(Stored data entries)
########
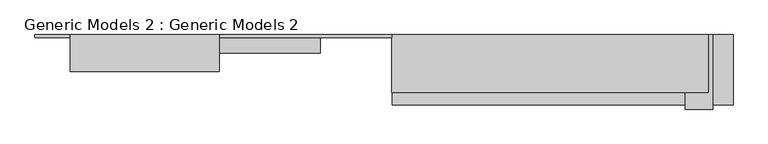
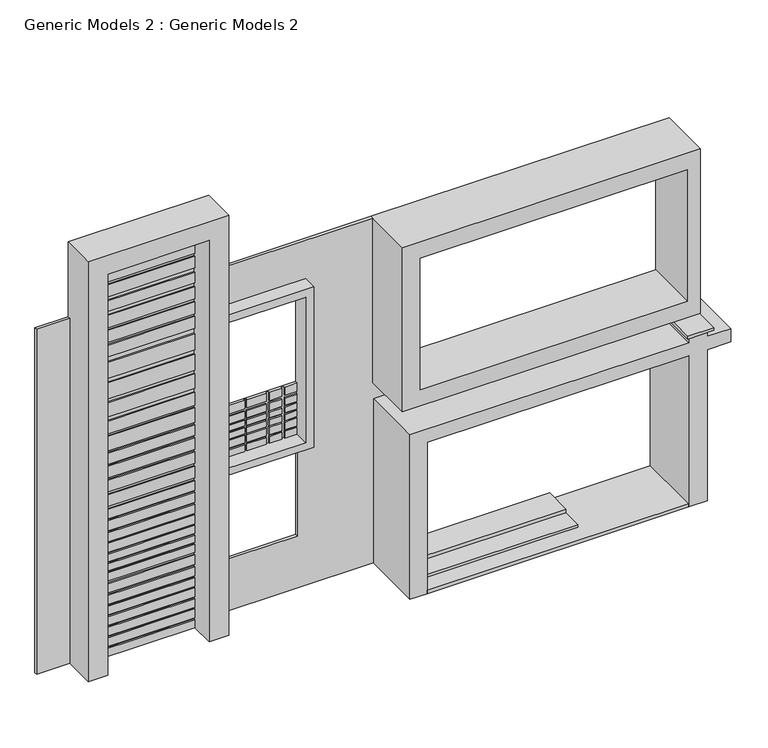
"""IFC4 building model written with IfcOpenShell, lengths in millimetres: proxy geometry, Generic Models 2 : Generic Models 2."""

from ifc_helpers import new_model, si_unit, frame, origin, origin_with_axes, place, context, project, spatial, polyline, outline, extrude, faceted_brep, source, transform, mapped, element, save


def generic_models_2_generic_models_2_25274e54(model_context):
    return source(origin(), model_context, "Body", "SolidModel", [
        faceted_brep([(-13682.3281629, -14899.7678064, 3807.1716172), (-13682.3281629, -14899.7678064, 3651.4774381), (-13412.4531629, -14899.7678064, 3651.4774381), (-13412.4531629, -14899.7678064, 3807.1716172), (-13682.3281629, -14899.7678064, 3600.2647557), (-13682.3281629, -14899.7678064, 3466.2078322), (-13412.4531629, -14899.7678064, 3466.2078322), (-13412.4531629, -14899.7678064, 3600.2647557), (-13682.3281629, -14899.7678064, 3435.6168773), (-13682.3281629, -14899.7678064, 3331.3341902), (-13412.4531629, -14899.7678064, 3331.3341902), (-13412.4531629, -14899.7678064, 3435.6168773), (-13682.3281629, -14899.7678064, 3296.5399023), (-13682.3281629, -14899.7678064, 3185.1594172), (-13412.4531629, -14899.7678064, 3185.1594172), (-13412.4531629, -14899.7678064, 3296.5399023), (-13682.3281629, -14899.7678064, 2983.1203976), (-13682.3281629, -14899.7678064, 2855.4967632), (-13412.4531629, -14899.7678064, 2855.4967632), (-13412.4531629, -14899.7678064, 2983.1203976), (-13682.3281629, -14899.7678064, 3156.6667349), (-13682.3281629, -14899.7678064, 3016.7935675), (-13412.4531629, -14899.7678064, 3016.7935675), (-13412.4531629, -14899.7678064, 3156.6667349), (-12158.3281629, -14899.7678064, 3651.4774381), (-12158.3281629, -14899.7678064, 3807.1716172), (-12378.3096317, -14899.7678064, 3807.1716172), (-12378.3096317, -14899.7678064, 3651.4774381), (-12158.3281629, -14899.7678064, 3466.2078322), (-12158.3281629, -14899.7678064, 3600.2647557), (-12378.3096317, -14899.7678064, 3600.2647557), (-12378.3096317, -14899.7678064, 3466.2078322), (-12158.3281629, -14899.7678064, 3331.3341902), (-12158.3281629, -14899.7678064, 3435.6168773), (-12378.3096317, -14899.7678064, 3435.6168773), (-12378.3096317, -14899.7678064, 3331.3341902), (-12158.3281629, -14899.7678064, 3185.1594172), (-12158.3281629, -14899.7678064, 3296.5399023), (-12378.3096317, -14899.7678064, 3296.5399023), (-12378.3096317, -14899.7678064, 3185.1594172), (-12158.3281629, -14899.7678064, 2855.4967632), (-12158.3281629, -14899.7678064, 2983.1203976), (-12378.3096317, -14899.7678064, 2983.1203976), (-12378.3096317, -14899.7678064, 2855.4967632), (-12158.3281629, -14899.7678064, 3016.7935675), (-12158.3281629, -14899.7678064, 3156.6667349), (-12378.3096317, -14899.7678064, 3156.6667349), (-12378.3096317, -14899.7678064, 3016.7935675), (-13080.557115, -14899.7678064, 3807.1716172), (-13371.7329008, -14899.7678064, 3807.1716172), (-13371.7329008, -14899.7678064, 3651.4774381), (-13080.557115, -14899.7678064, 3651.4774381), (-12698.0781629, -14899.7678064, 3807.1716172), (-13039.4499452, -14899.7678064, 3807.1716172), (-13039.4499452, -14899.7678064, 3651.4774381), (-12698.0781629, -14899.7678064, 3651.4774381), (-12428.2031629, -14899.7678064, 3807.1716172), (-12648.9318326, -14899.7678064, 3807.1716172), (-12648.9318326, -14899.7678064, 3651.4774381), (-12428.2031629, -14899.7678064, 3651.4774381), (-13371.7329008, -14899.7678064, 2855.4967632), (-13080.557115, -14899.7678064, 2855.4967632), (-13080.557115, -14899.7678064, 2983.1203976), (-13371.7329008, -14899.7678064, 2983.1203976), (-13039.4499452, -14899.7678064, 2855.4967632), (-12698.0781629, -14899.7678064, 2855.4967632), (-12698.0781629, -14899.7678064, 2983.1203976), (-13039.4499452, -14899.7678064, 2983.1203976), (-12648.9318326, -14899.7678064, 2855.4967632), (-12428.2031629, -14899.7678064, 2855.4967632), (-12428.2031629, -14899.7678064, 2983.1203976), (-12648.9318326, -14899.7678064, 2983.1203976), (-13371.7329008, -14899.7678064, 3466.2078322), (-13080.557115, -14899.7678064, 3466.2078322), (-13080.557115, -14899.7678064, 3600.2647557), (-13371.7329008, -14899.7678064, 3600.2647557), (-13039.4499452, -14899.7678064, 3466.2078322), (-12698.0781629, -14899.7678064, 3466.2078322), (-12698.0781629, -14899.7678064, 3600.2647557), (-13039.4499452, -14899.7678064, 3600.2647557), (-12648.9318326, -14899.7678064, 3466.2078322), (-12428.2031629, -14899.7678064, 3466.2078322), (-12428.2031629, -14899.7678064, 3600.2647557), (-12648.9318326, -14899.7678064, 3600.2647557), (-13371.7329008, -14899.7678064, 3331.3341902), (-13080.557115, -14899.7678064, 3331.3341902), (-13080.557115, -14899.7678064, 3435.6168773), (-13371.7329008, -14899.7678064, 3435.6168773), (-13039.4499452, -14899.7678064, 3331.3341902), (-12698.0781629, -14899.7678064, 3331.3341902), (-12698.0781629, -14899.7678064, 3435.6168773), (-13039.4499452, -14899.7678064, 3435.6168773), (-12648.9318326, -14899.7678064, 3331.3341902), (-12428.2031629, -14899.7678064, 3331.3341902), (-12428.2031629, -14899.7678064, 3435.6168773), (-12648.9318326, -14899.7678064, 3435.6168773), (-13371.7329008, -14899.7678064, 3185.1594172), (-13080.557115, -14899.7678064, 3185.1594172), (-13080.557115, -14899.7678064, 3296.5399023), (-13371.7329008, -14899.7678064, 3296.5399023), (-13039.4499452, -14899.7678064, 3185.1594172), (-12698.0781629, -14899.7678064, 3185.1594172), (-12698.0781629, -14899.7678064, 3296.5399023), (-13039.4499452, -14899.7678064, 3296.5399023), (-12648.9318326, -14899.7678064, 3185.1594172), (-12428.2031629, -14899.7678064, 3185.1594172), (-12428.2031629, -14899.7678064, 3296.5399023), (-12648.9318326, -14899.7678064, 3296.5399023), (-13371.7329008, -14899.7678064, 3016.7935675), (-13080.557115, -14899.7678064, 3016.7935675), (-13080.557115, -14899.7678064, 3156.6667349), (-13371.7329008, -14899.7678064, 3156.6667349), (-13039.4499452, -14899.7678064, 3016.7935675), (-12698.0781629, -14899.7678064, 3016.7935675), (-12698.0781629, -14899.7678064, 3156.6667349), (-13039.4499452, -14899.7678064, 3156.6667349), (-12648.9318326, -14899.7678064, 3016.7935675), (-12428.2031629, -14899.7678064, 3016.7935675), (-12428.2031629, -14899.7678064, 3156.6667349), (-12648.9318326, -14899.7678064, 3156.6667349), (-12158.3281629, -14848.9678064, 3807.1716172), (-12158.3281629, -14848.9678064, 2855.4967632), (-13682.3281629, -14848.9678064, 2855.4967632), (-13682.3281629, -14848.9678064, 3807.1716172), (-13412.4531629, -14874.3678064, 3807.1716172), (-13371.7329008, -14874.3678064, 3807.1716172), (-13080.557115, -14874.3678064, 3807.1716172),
########
Every record above should be written out again exactly; the pictures stay out of the copy.

_RESPONSE TO THE EXERCISE_
"""IFC4 building model written with IfcOpenShell, lengths in millimetres: proxy geometry, Generic Models 2 : Generic Models 2."""

from ifc_helpers import new_model, si_unit, frame, origin, origin_with_axes, place, context, project, spatial, polyline, outline, extrude, faceted_brep, source, transform, mapped, element, save


def generic_models_2_generic_models_2_25274e54(model_context):
    return source(origin(), model_context, "Body", "SolidModel", [
        faceted_brep([(-13682.3281629, -14899.7678064, 3807.1716172), (-13682.3281629, -14899.7678064, 3651.4774381), (-13412.4531629, -14899.7678064, 3651.4774381), (-13412.4531629, -14899.7678064, 3807.1716172), (-13682.3281629, -14899.7678064, 3600.2647557), (-13682.3281629, -14899.7678064, 3466.2078322), (-13412.4531629, -14899.7678064, 3466.2078322), (-13412.4531629, -14899.7678064, 3600.2647557), (-13682.3281629, -14899.7678064, 3435.6168773), (-13682.3281629, -14899.7678064, 3331.3341902), (-13412.4531629, -14899.7678064, 3331.3341902), (-13412.4531629, -14899.7678064, 3435.6168773), (-13682.3281629, -14899.7678064, 3296.5399023), (-13682.3281629, -14899.7678064, 3185.1594172), (-13412.4531629, -14899.7678064, 3185.1594172), (-13412.4531629, -14899.7678064, 3296.5399023), (-13682.3281629, -14899.7678064, 2983.1203976), (-13682.3281629, -14899.7678064, 2855.4967632), (-13412.4531629, -14899.7678064, 2855.4967632), (-13412.4531629, -14899.7678064, 2983.1203976), (-13682.3281629, -14899.7678064, 3156.6667349), (-13682.3281629, -14899.7678064, 3016.7935675), (-13412.4531629, -14899.7678064, 3016.7935675), (-13412.4531629, -14899.7678064, 3156.6667349), (-12158.3281629, -14899.7678064, 3651.4774381), (-12158.3281629, -14899.7678064, 3807.1716172), (-12378.3096317, -14899.7678064, 3807.1716172), (-12378.3096317, -14899.7678064, 3651.4774381), (-12158.3281629, -14899.7678064, 3466.2078322), (-12158.3281629, -14899.7678064, 3600.2647557), (-12378.3096317, -14899.7678064, 3600.2647557), (-12378.3096317, -14899.7678064, 3466.2078322), (-12158.3281629, -14899.7678064, 3331.3341902), (-12158.3281629, -14899.7678064, 3435.6168773), (-12378.3096317, -14899.7678064, 3435.6168773), (-12378.3096317, -14899.7678064, 3331.3341902), (-12158.3281629, -14899.7678064, 3185.1594172), (-12158.3281629, -14899.7678064, 3296.5399023), (-12378.3096317, -14899.7678064, 3296.5399023), (-12378.3096317, -14899.7678064, 3185.1594172), (-12158.3281629, -14899.7678064, 2855.4967632), (-12158.3281629, -14899.7678064, 2983.1203976), (-12378.3096317, -14899.7678064, 2983.1203976), (-12378.3096317, -14899.7678064, 2855.4967632), (-12158.3281629, -14899.7678064, 3016.7935675), (-12158.3281629, -14899.7678064, 3156.6667349), (-12378.3096317, -14899.7678064, 3156.6667349), (-12378.3096317, -14899.7678064, 3016.7935675), (-13080.557115, -14899.7678064, 3807.1716172), (-13371.7329008, -14899.7678064, 3807.1716172), (-13371.7329008, -14899.7678064, 3651.4774381), (-13080.557115, -14899.7678064, 3651.4774381), (-12698.0781629, -14899.7678064, 3807.1716172), (-13039.4499452, -14899.7678064, 3807.1716172), (-13039.4499452, -14899.7678064, 3651.4774381), (-12698.0781629, -14899.7678064, 3651.4774381), (-12428.2031629, -14899.7678064, 3807.1716172), (-12648.9318326, -14899.7678064, 3807.1716172), (-12648.9318326, -14899.7678064, 3651.4774381), (-12428.2031629, -14899.7678064, 3651.4774381), (-13371.7329008, -14899.7678064, 2855.4967632), (-13080.557115, -14899.7678064, 2855.4967632), (-13080.557115, -14899.7678064, 2983.1203976), (-13371.7329008, -14899.7678064, 2983.1203976), (-13039.4499452, -14899.7678064, 2855.4967632), (-12698.0781629, -14899.7678064, 2855.4967632), (-12698.0781629, -14899.7678064, 2983.1203976), (-13039.4499452, -14899.7678064, 2983.1203976), (-12648.9318326, -14899.7678064, 2855.4967632), (-12428.2031629, -14899.7678064, 2855.4967632), (-12428.2031629, -14899.7678064, 2983.1203976), (-12648.9318326, -14899.7678064, 2983.1203976), (-13371.7329008, -14899.7678064, 3466.2078322), (-13080.557115, -14899.7678064, 3466.2078322), (-13080.557115, -14899.7678064, 3600.2647557), (-13371.7329008, -14899.7678064, 3600.2647557), (-13039.4499452, -14899.7678064, 3466.2078322), (-12698.0781629, -14899.7678064, 3466.2078322), (-12698.0781629, -14899.7678064, 3600.2647557), (-13039.4499452, -14899.7678064, 3600.2647557), (-12648.9318326, -14899.7678064, 3466.2078322), (-12428.2031629, -14899.7678064, 3466.2078322), (-12428.2031629, -14899.7678064, 3600.2647557), (-12648.9318326, -14899.7678064, 3600.2647557), (-13371.7329008, -14899.7678064, 3331.3341902), (-13080.557115, -14899.7678064, 3331.3341902), (-13080.557115, -14899.7678064, 3435.6168773), (-13371.7329008, -14899.7678064, 3435.6168773), (-13039.4499452, -14899.7678064, 3331.3341902), (-12698.0781629, -14899.7678064, 3331.3341902), (-12698.0781629, -14899.7678064, 3435.6168773), (-13039.4499452, -14899.7678064, 3435.6168773), (-12648.9318326, -14899.7678064, 3331.3341902), (-12428.2031629, -14899.7678064, 3331.3341902), (-12428.2031629, -14899.7678064, 3435.6168773), (-12648.9318326, -14899.7678064, 3435.6168773), (-13371.7329008, -14899.7678064, 3185.1594172), (-13080.557115, -14899.7678064, 3185.1594172), (-13080.557115, -14899.7678064, 3296.5399023), (-13371.7329008, -14899.7678064, 3296.5399023), (-13039.4499452, -14899.7678064, 3185.1594172), (-12698.0781629, -14899.7678064, 3185.1594172), (-12698.0781629, -14899.7678064, 3296.5399023), (-13039.4499452, -14899.7678064, 3296.5399023), (-12648.9318326, -14899.7678064, 3185.1594172), (-12428.2031629, -14899.7678064, 3185.1594172), (-12428.2031629, -14899.7678064, 3296.5399023), (-12648.9318326, -14899.7678064, 3296.5399023), (-13371.7329008, -14899.7678064, 3016.7935675), (-13080.557115, -14899.7678064, 3016.7935675), (-13080.557115, -14899.7678064, 3156.6667349), (-13371.7329008, -14899.7678064, 3156.6667349), (-13039.4499452, -14899.7678064, 3016.7935675), (-12698.0781629, -14899.7678064, 3016.7935675), (-12698.0781629, -14899.7678064, 3156.6667349), (-13039.4499452, -14899.7678064, 3156.6667349), (-12648.9318326, -14899.7678064, 3016.7935675), (-12428.2031629, -14899.7678064, 3016.7935675), (-12428.2031629, -14899.7678064, 3156.6667349), (-12648.9318326, -14899.7678064, 3156.6667349), (-12158.3281629, -14848.9678064, 3807.1716172), (-12158.3281629, -14848.9678064, 2855.4967632), (-13682.3281629, -14848.9678064, 2855.4967632), (-13682.3281629, -14848.9678064, 3807.1716172), (-13412.4531629, -14874.3678064, 3807.1716172), (-13371.7329008, -14874.3678064, 3807.1716172), (-13080.557115, -14874.3678064, 3807.1716172),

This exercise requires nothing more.